START DATA FOR THIS EXERCISE
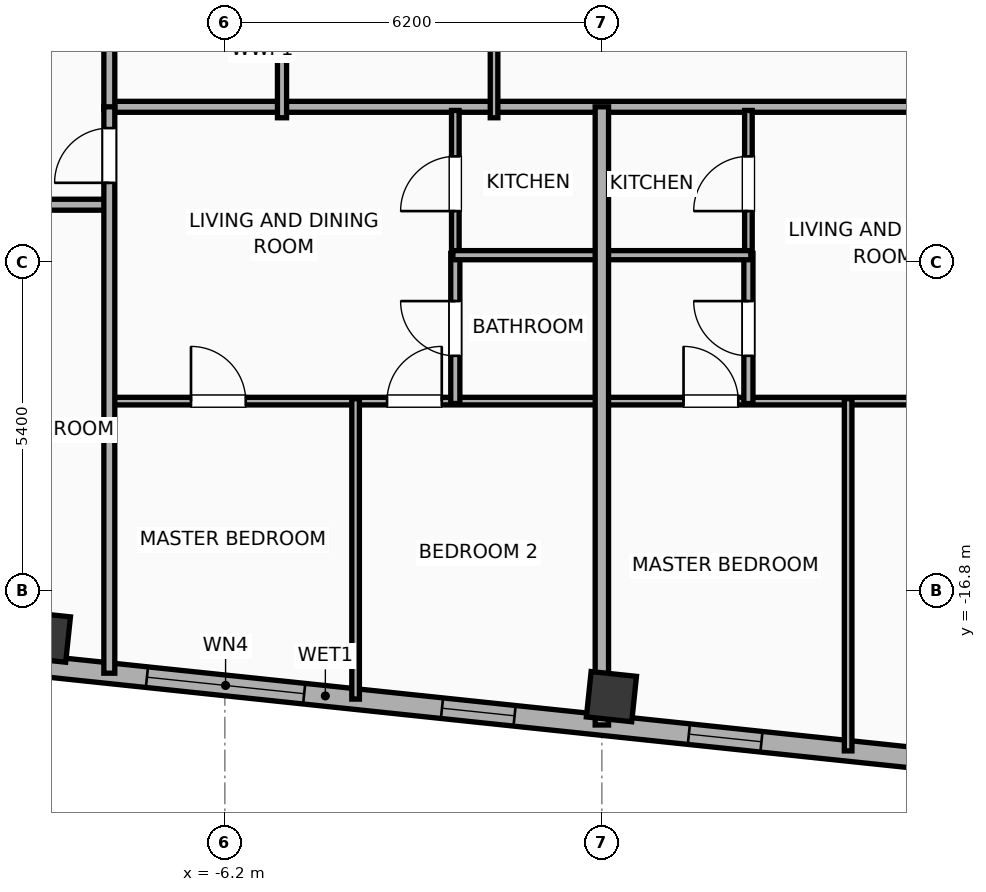
"""IFC4 building model, lengths in metres.
Left out: names, types, materials, properties, quantities, classifications, styles, units other than length and angle.
Written with IfcOpenShell. Run it as: python <this file> out.ifc"""

import sys

from ifc_helpers import new_model, si_unit, direction, frame, frame_2d, origin, origin_2d, place, context, subcontext, project, spatial, rectangle, hollow_rectangle, extrude, element, fill, save


model = new_model("IFC4")
c1 = context("Model", 3, precision=1e-05, world=origin(), true_north=direction((0.0, 1.0)))
c2 = subcontext(c1, "Body", "Model", "MODEL_VIEW")
j1 = project(units=[si_unit("LENGTHUNIT", "METRE"), si_unit("PLANEANGLEUNIT", "RADIAN")], contexts=[c1])
p1 = place(None, origin())
s1 = spatial("IfcSite", under=j1, at=p1, CompositionType="ELEMENT")
p2 = place(p1, origin())
s2 = spatial("IfcBuilding", under=s1, at=p2, CompositionType="ELEMENT")
p3 = place(p2, frame((0.0, 0.0, 306.8)))
s3 = spatial("IfcBuildingStorey", under=s2, at=p3, CompositionType="ELEMENT", Elevation=306.8)
for number, where, z_axis, x_axis in (
    (1, (-9.152, -17.561, 0.0), (0.0, 0.0, 1.0), (0.995, -0.105, 0.0)),
    (2, (0.157, -18.54, 0.0), (0.0, 0.0, 1.0), (0.995, -0.105, 0.0)),
):
    element("IfcColumn", number, at=place(p3, frame(where, z_axis=z_axis, x_axis=x_axis)), inside=s3, PredefinedType="COLUMN", context=c2, shape_type="SweptSolid", body=[
        extrude(hollow_rectangle(XDim=0.75, YDim=0.75, WallThickness=0.025, at=origin_2d()), origin(), (0.0, 0.0, 1.0), 3.865),
    ])
p4 = place(p3, frame((18.708, -20.972, 0.0), z_axis=(0.0, 0.0, 1.0), x_axis=(-0.994521888554, 0.104528528102, 0.0)))
e3 = element("IfcWall", 3, at=p4, inside=s3, PredefinedType="ELEMENTEDWALL", context=c2, shape_type="SweptSolid", body=[
    extrude(rectangle(XDim=46.766, YDim=0.34, at=frame_2d((23.383, 0.0))), origin(), (0.0, 0.0, 1.0), 2.39),
])
p5 = place(p4, frame((23.733, 0.0, 0.65)))
e4 = element("IfcOpeningElement", 4, at=p5, cuts=e3, PredefinedType="OPENING", context=c2, shape_type="SweptSolid", body=[
    extrude(rectangle(XDim=2.6, YDim=1.45, at=frame_2d((1.3, 0.725))), frame((0.0, 0.18, 0.0), z_axis=(0.0, -1.0, 0.0), x_axis=(1.0, 0.0, 0.0)), (0.0, 0.0, 1.0), 0.36),
])
p6 = place(p4, frame((44.402, 0.0, 0.55)))
e5 = element("IfcOpeningElement", 5, at=p6, cuts=e3, PredefinedType="OPENING", context=c2, shape_type="SweptSolid", body=[
    extrude(rectangle(XDim=1.2, YDim=1.15, at=frame_2d((0.6, 0.575))), frame((0.0, 0.18, 0.0), z_axis=(0.0, -1.0, 0.0), x_axis=(1.0, 0.0, 0.0)), (0.0, 0.0, 1.0), 0.36),
])
p7 = place(p4, frame((39.54, 0.0, 0.55)))
e6 = element("IfcOpeningElement", 6, at=p7, cuts=e3, PredefinedType="OPENING", context=c2, shape_type="SweptSolid", body=[
    extrude(rectangle(XDim=1.2, YDim=1.15, at=frame_2d((0.6, 0.575))), frame((0.0, 0.18, 0.0), z_axis=(0.0, -1.0, 0.0), x_axis=(1.0, 0.0, 0.0)), (0.0, 0.0, 1.0), 0.36),
])
p8 = place(p4, frame((42.406, 0.0, 0.55)))
e7 = element("IfcOpeningElement", 7, at=p8, cuts=e3, PredefinedType="OPENING", context=c2, shape_type="SweptSolid", body=[
    extrude(rectangle(XDim=1.2, YDim=1.15, at=frame_2d((0.6, 0.575))), frame((0.0, 0.18, 0.0), z_axis=(0.0, -1.0, 0.0), x_axis=(1.0, 0.0, 0.0)), (0.0, 0.0, 1.0), 0.36),
])
p9 = place(p4, frame((34.933, 0.0, 0.55)))
e8 = element("IfcOpeningElement", 8, at=p9, cuts=e3, PredefinedType="OPENING", context=c2, shape_type="SweptSolid", body=[
    extrude(rectangle(XDim=1.2, YDim=1.15, at=frame_2d((0.6, 0.575))), frame((0.0, 0.18, 0.0), z_axis=(0.0, -1.0, 0.0), x_axis=(1.0, 0.0, 0.0)), (0.0, 0.0, 1.0), 0.36),
])
p10 = place(p4, frame((28.631, 0.0, 0.55)))
e9 = element("IfcOpeningElement", 9, at=p10, cuts=e3, PredefinedType="OPENING", context=c2, shape_type="SweptSolid", body=[
    extrude(rectangle(XDim=1.2, YDim=1.15, at=frame_2d((0.6, 0.575))), frame((0.0, 0.18, 0.0), z_axis=(0.0, -1.0, 0.0), x_axis=(1.0, 0.0, 0.0)), (0.0, 0.0, 1.0), 0.36),
])
p11 = place(p4, frame((30.896, 0.0, 0.55)))
e10 = element("IfcOpeningElement", 10, at=p11, cuts=e3, PredefinedType="OPENING", context=c2, shape_type="SweptSolid", body=[
    extrude(rectangle(XDim=1.2, YDim=1.15, at=frame_2d((0.6, 0.575))), frame((0.0, 0.18, 0.0), z_axis=(0.0, -1.0, 0.0), x_axis=(1.0, 0.0, 0.0)), (0.0, 0.0, 1.0), 0.36),
])
p12 = place(p4, frame((7.501, 0.0, 0.55)))
e11 = element("IfcOpeningElement", 11, at=p12, cuts=e3, PredefinedType="OPENING", context=c2, shape_type="SweptSolid", body=[
    extrude(rectangle(XDim=1.2, YDim=1.15, at=frame_2d((0.6, 0.575))), frame((0.0, 0.18, 0.0), z_axis=(0.0, -1.0, 0.0), x_axis=(1.0, 0.0, 0.0)), (0.0, 0.0, 1.0), 0.36),
])
p13 = place(p4, frame((4.159, 0.0, 0.55)))
e12 = element("IfcOpeningElement", 12, at=p13, cuts=e3, PredefinedType="OPENING", context=c2, shape_type="SweptSolid", body=[
    extrude(rectangle(XDim=1.2, YDim=1.15, at=frame_2d((0.6, 0.575))), frame((0.0, 0.18, 0.0), z_axis=(0.0, -1.0, 0.0), x_axis=(1.0, 0.0, 0.0)), (0.0, 0.0, 1.0), 0.36),
])
p14 = place(p4, frame((1.369, 0.0, 0.55)))
e13 = element("IfcOpeningElement", 13, at=p14, cuts=e3, PredefinedType="OPENING", context=c2, shape_type="SweptSolid", body=[
    extrude(rectangle(XDim=1.2, YDim=1.15, at=frame_2d((0.6, 0.575))), frame((0.0, 0.18, 0.0), z_axis=(0.0, -1.0, 0.0), x_axis=(1.0, 0.0, 0.0)), (0.0, 0.0, 1.0), 0.36),
])
p15 = place(p4, frame((20.254, 0.0, 0.55)))
e14 = element("IfcOpeningElement", 14, at=p15, cuts=e3, PredefinedType="OPENING", context=c2, shape_type="SweptSolid", body=[
    extrude(rectangle(XDim=1.2, YDim=1.15, at=frame_2d((0.6, 0.575))), frame((0.0, 0.18, 0.0), z_axis=(0.0, -1.0, 0.0), x_axis=(1.0, 0.0, 0.0)), (0.0, 0.0, 1.0), 0.36),
])
p16 = place(p4, frame((16.172, 0.0, 0.55)))
e15 = element("IfcOpeningElement", 15, at=p16, cuts=e3, PredefinedType="OPENING", context=c2, shape_type="SweptSolid", body=[
    extrude(rectangle(XDim=1.2, YDim=1.15, at=frame_2d((0.6, 0.575))), frame((0.0, 0.18, 0.0), z_axis=(0.0, -1.0, 0.0), x_axis=(1.0, 0.0, 0.0)), (0.0, 0.0, 1.0), 0.36),
])
p17 = place(p4, frame((12.11, 0.0, 0.55)))
e16 = element("IfcOpeningElement", 16, at=p17, cuts=e3, PredefinedType="OPENING", context=c2, shape_type="SweptSolid", body=[
    extrude(rectangle(XDim=1.2, YDim=1.15, at=frame_2d((0.6, 0.575))), frame((0.0, 0.18, 0.0), z_axis=(0.0, -1.0, 0.0), x_axis=(1.0, 0.0, 0.0)), (0.0, 0.0, 1.0), 0.36),
])
p18 = place(p3, frame((-8.15, -8.84, 0.0), z_axis=(0.0, 0.0, 1.0), x_axis=(1.0, 0.0, 0.0)))
e17 = element("IfcWall", 17, at=p18, inside=s3, PredefinedType="PARTITIONING", context=c2, shape_type="SweptSolid", body=[
    extrude(rectangle(XDim=16.3, YDim=0.18, at=frame_2d((8.15, 0.0))), origin(), (0.0, 0.0, 1.0), 3.5),
])
p19 = place(p3, frame((-8.1, -8.88, 0.0), z_axis=(0.0, 0.0, 1.0), x_axis=(0.0, 1.0, 0.0)))
e18 = element("IfcWall", 18, at=p19, inside=s3, PredefinedType="PARTITIONING", context=c2, shape_type="SweptSolid", body=[
    extrude(rectangle(XDim=17.76, YDim=0.18, at=frame_2d((8.88, 0.0))), origin(), (0.0, 0.0, 1.0), 3.5),
])
p20 = place(p19, frame((1.276, 0.0, 0.0)))
e19 = element("IfcOpeningElement", 19, at=p20, cuts=e18, PredefinedType="OPENING", context=c2, shape_type="SweptSolid", body=[
    extrude(rectangle(XDim=1.0, YDim=2.05, at=frame_2d((0.5, 1.025))), frame((0.0, 0.1, 0.0), z_axis=(0.0, -1.0, 0.0), x_axis=(1.0, 0.0, 0.0)), (0.0, 0.0, 1.0), 0.2),
])
p21 = place(p19, frame((10.181, 0.0, 0.0)))
e20 = element("IfcOpeningElement", 20, at=p21, cuts=e18, PredefinedType="OPENING", context=c2, shape_type="SweptSolid", body=[
    extrude(rectangle(XDim=0.95, YDim=2.05, at=frame_2d((0.475, 1.025))), frame((0.0, 0.1, 0.0), z_axis=(0.0, -1.0, 0.0), x_axis=(1.0, 0.0, 0.0)), (0.0, 0.0, 1.0), 0.2),
])
p22 = place(p3, frame((-5.26, -9.02, 0.0), z_axis=(0.0, 0.0, 1.0), x_axis=(0.0, 1.0, 0.0)))
e21 = element("IfcWall", 21, at=p22, inside=s3, PredefinedType="PLUMBINGWALL", context=c2, shape_type="SweptSolid", body=[
    extrude(rectangle(XDim=3.35, YDim=0.15, at=frame_2d((1.675, 0.0))), origin(), (0.0, 0.0, 1.0), 3.5),
])
p23 = place(p3, frame((-1.773, -9.02, 0.0), z_axis=(0.0, 0.0, 1.0), x_axis=(0.0, 1.0, 0.0)))
e22 = element("IfcWall", 22, at=p23, inside=s3, PredefinedType="PARTITIONING", context=c2, shape_type="SweptSolid", body=[
    extrude(rectangle(XDim=17.99, YDim=0.125, at=frame_2d((8.995, 0.0))), origin(), (0.0, 0.0, 1.0), 3.5),
])
p24 = place(p23, frame((8.52, 0.0, 0.0)))
e23 = element("IfcOpeningElement", 23, at=p24, cuts=e22, PredefinedType="OPENING", context=c2, shape_type="SweptSolid", body=[
    extrude(rectangle(XDim=0.95, YDim=2.05, at=frame_2d((0.475, 1.025))), frame((0.0, 0.073, 0.0), z_axis=(0.0, -1.0, 0.0), x_axis=(1.0, 0.0, 0.0)), (0.0, 0.0, 1.0), 0.145),
])
p25 = place(p3, frame((-30.676, -10.45, 0.0), z_axis=(0.0, 0.0, 1.0), x_axis=(1.0, 0.0, 0.0)))
e24 = element("IfcWall", 24, at=p25, inside=s3, PredefinedType="PARTITIONING", context=c2, shape_type="SweptSolid", body=[
    extrude(rectangle(XDim=22.596, YDim=0.18, at=frame_2d((11.298, 0.0))), origin(), (0.0, 0.0, 1.0), 3.5),
])
p26 = place(p25, frame((2.336, 0.0, 0.0)))
e25 = element("IfcOpeningElement", 25, at=p26, cuts=e24, PredefinedType="OPENING", context=c2, shape_type="SweptSolid", body=[
    extrude(rectangle(XDim=0.9, YDim=2.05, at=frame_2d((0.45, 1.025))), frame((0.0, 0.1, 0.0), z_axis=(0.0, -1.0, 0.0), x_axis=(1.0, 0.0, 0.0)), (0.0, 0.0, 1.0), 0.2),
])
p27 = place(p25, frame((8.861, 0.0, 0.0)))
e26 = element("IfcOpeningElement", 26, at=p27, cuts=e24, PredefinedType="OPENING", context=c2, shape_type="SweptSolid", body=[
    extrude(rectangle(XDim=1.15, YDim=2.05, at=frame_2d((0.575, 1.025))), frame((0.0, 0.1, 0.0), z_axis=(0.0, -1.0, 0.0), x_axis=(1.0, 0.0, 0.0)), (0.0, 0.0, 1.0), 0.2),
])
p28 = place(p25, frame((13.774, 0.0, 0.0)))
e27 = element("IfcOpeningElement", 27, at=p28, cuts=e24, PredefinedType="OPENING", context=c2, shape_type="SweptSolid", body=[
    extrude(rectangle(XDim=0.9, YDim=2.05, at=frame_2d((0.45, 1.025))), frame((0.0, 0.1, 0.0), z_axis=(0.0, -1.0, 0.0), x_axis=(1.0, 0.0, 0.0)), (0.0, 0.0, 1.0), 0.2),
])
p29 = place(p25, frame((20.306, 0.0, 0.0)))
e28 = element("IfcOpeningElement", 28, at=p29, cuts=e24, PredefinedType="OPENING", context=c2, shape_type="SweptSolid", body=[
    extrude(rectangle(XDim=1.15, YDim=2.05, at=frame_2d((0.575, 1.025))), frame((0.0, 0.1, 0.0), z_axis=(0.0, -1.0, 0.0), x_axis=(1.0, 0.0, 0.0)), (0.0, 0.0, 1.0), 0.2),
])
p30 = place(p3, frame((-8.08, -13.68, 0.0), z_axis=(0.0, 0.0, 1.0), x_axis=(1.0, 0.0, 0.0)))
e29 = element("IfcWall", 29, at=p30, inside=s3, PredefinedType="PARTITIONING", context=c2, shape_type="SweptSolid", body=[
    extrude(rectangle(XDim=8.06, YDim=0.125, at=frame_2d((4.03, 0.0))), origin(), (0.0, 0.0, 1.0), 3.5),
])
p31 = place(p30, frame((1.323, 0.0, 0.0)))
e30 = element("IfcOpeningElement", 30, at=p31, cuts=e29, PredefinedType="OPENING", context=c2, shape_type="SweptSolid", body=[
    extrude(rectangle(XDim=0.9, YDim=2.05, at=frame_2d((0.45, 1.025))), frame((0.0, 0.073, 0.0), z_axis=(0.0, -1.0, 0.0), x_axis=(1.0, 0.0, 0.0)), (0.0, 0.0, 1.0), 0.145),
])
p32 = place(p30, frame((4.547, 0.0, 0.0)))
e31 = element("IfcOpeningElement", 31, at=p32, cuts=e29, PredefinedType="OPENING", context=c2, shape_type="SweptSolid", body=[
    extrude(rectangle(XDim=0.9, YDim=2.05, at=frame_2d((0.45, 1.025))), frame((0.0, 0.073, 0.0), z_axis=(0.0, -1.0, 0.0), x_axis=(1.0, 0.0, 0.0)), (0.0, 0.0, 1.0), 0.145),
])
p33 = place(p3, frame((-2.41, -11.31, 0.0), z_axis=(0.0, 0.0, 1.0), x_axis=(0.0, 1.0, 0.0)))
e32 = element("IfcWall", 32, at=p33, inside=s3, PredefinedType="PARTITIONING", context=c2, shape_type="SweptSolid", body=[
    extrude(rectangle(XDim=2.41, YDim=0.125, at=frame_2d((1.205, 0.0))), origin(), (0.0, 0.0, 1.0), 3.5),
])
p34 = place(p33, frame((0.755, 0.0, 0.0)))
e33 = element("IfcOpeningElement", 33, at=p34, cuts=e32, PredefinedType="OPENING", context=c2, shape_type="SweptSolid", body=[
    extrude(rectangle(XDim=0.9, YDim=2.05, at=frame_2d((0.45, 1.025))), frame((0.0, 0.073, 0.0), z_axis=(0.0, -1.0, 0.0), x_axis=(1.0, 0.0, 0.0)), (0.0, 0.0, 1.0), 0.145),
])
p35 = place(p3, frame((-2.41, -13.72, 0.0), z_axis=(0.0, 0.0, 1.0), x_axis=(0.0, 1.0, 0.0)))
e34 = element("IfcWall", 34, at=p35, inside=s3, PredefinedType="PLUMBINGWALL", context=c2, shape_type="SweptSolid", body=[
    extrude(rectangle(XDim=2.47, YDim=0.15, at=frame_2d((1.235, 0.0))), origin(), (0.0, 0.0, 1.0), 3.5),
])
p36 = place(p35, frame((0.785, 0.0, 0.0)))
e35 = element("IfcOpeningElement", 35, at=p36, cuts=e34, PredefinedType="OPENING", context=c2, shape_type="SweptSolid", body=[
    extrude(rectangle(XDim=0.9, YDim=2.05, at=frame_2d((0.45, 1.025))), frame((0.0, 0.085, 0.0), z_axis=(0.0, -1.0, 0.0), x_axis=(1.0, 0.0, 0.0)), (0.0, 0.0, 1.0), 0.17),
])
p37 = place(p3, frame((-2.45, -11.28, 0.0), z_axis=(0.0, 0.0, 1.0), x_axis=(1.0, 0.0, 0.0)))
e36 = element("IfcWall", 36, at=p37, inside=s3, PredefinedType="PLUMBINGWALL", context=c2, shape_type="SweptSolid", body=[
    extrude(rectangle(XDim=2.43, YDim=0.15, at=frame_2d((1.215, 0.0))), origin(), (0.0, 0.0, 1.0), 3.5),
])
p38 = place(p3, frame((-4.05, -18.58, 0.0), z_axis=(0.0, 0.0, 1.0), x_axis=(0.0, 1.0, 0.0)))
e37 = element("IfcWall", 37, at=p38, inside=s3, PredefinedType="PARTITIONING", context=c2, shape_type="SweptSolid", body=[
    extrude(rectangle(XDim=4.94, YDim=0.125, at=frame_2d((2.47, 0.0))), origin(), (0.0, 0.0, 1.0), 3.5),
])
p39 = place(p3, frame((-8.1, -18.155, 0.0), z_axis=(0.0, 0.0, 1.0), x_axis=(0.0, 1.0, 0.0)))
e38 = element("IfcWall", 38, at=p39, inside=s3, PredefinedType="PARTITIONING", context=c2, shape_type="SweptSolid", body=[
    extrude(rectangle(XDim=9.314, YDim=0.18, at=frame_2d((4.657, 0.0))), origin(), (0.0, 0.0, 1.0), 3.5),
])
p40 = place(p39, frame((8.064, 0.0, 0.0)))
e39 = element("IfcOpeningElement", 39, at=p40, cuts=e38, PredefinedType="OPENING", context=c2, shape_type="SweptSolid", body=[
    extrude(rectangle(XDim=0.9, YDim=2.05, at=frame_2d((0.45, 1.025))), frame((0.0, 0.1, 0.0), z_axis=(0.0, -1.0, 0.0), x_axis=(1.0, 0.0, 0.0)), (0.0, 0.0, 1.0), 0.2),
])
p41 = place(p3, frame((0.02, -13.68, 0.0), z_axis=(0.0, 0.0, 1.0), x_axis=(1.0, 0.0, 0.0)))
e40 = element("IfcWall", 40, at=p41, inside=s3, PredefinedType="PARTITIONING", context=c2, shape_type="SweptSolid", body=[
    extrude(rectangle(XDim=7.992, YDim=0.125, at=frame_2d((3.996, 0.0))), origin(), (0.0, 0.0, 1.0), 3.5),
])
p42 = place(p41, frame((1.323, 0.0, 0.0)))
e41 = element("IfcOpeningElement", 41, at=p42, cuts=e40, PredefinedType="OPENING", context=c2, shape_type="SweptSolid", body=[
    extrude(rectangle(XDim=0.9, YDim=2.05, at=frame_2d((0.45, 1.025))), frame((0.0, 0.073, 0.0), z_axis=(0.0, -1.0, 0.0), x_axis=(1.0, 0.0, 0.0)), (0.0, 0.0, 1.0), 0.145),
])
p43 = place(p41, frame((5.837, 0.0, 0.0)))
e42 = element("IfcOpeningElement", 42, at=p43, cuts=e40, PredefinedType="OPENING", context=c2, shape_type="SweptSolid", body=[
    extrude(rectangle(XDim=0.9, YDim=2.05, at=frame_2d((0.45, 1.025))), frame((0.0, 0.073, 0.0), z_axis=(0.0, -1.0, 0.0), x_axis=(1.0, 0.0, 0.0)), (0.0, 0.0, 1.0), 0.145),
])
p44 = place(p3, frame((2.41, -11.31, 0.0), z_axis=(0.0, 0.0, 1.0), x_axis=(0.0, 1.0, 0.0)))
END DATA FOR THIS EXERCISE
### TASK INSTRUCTIONS
Within the records above, count the lines that contain "project" and give only that number.

### EXPECTED OUTPUT
2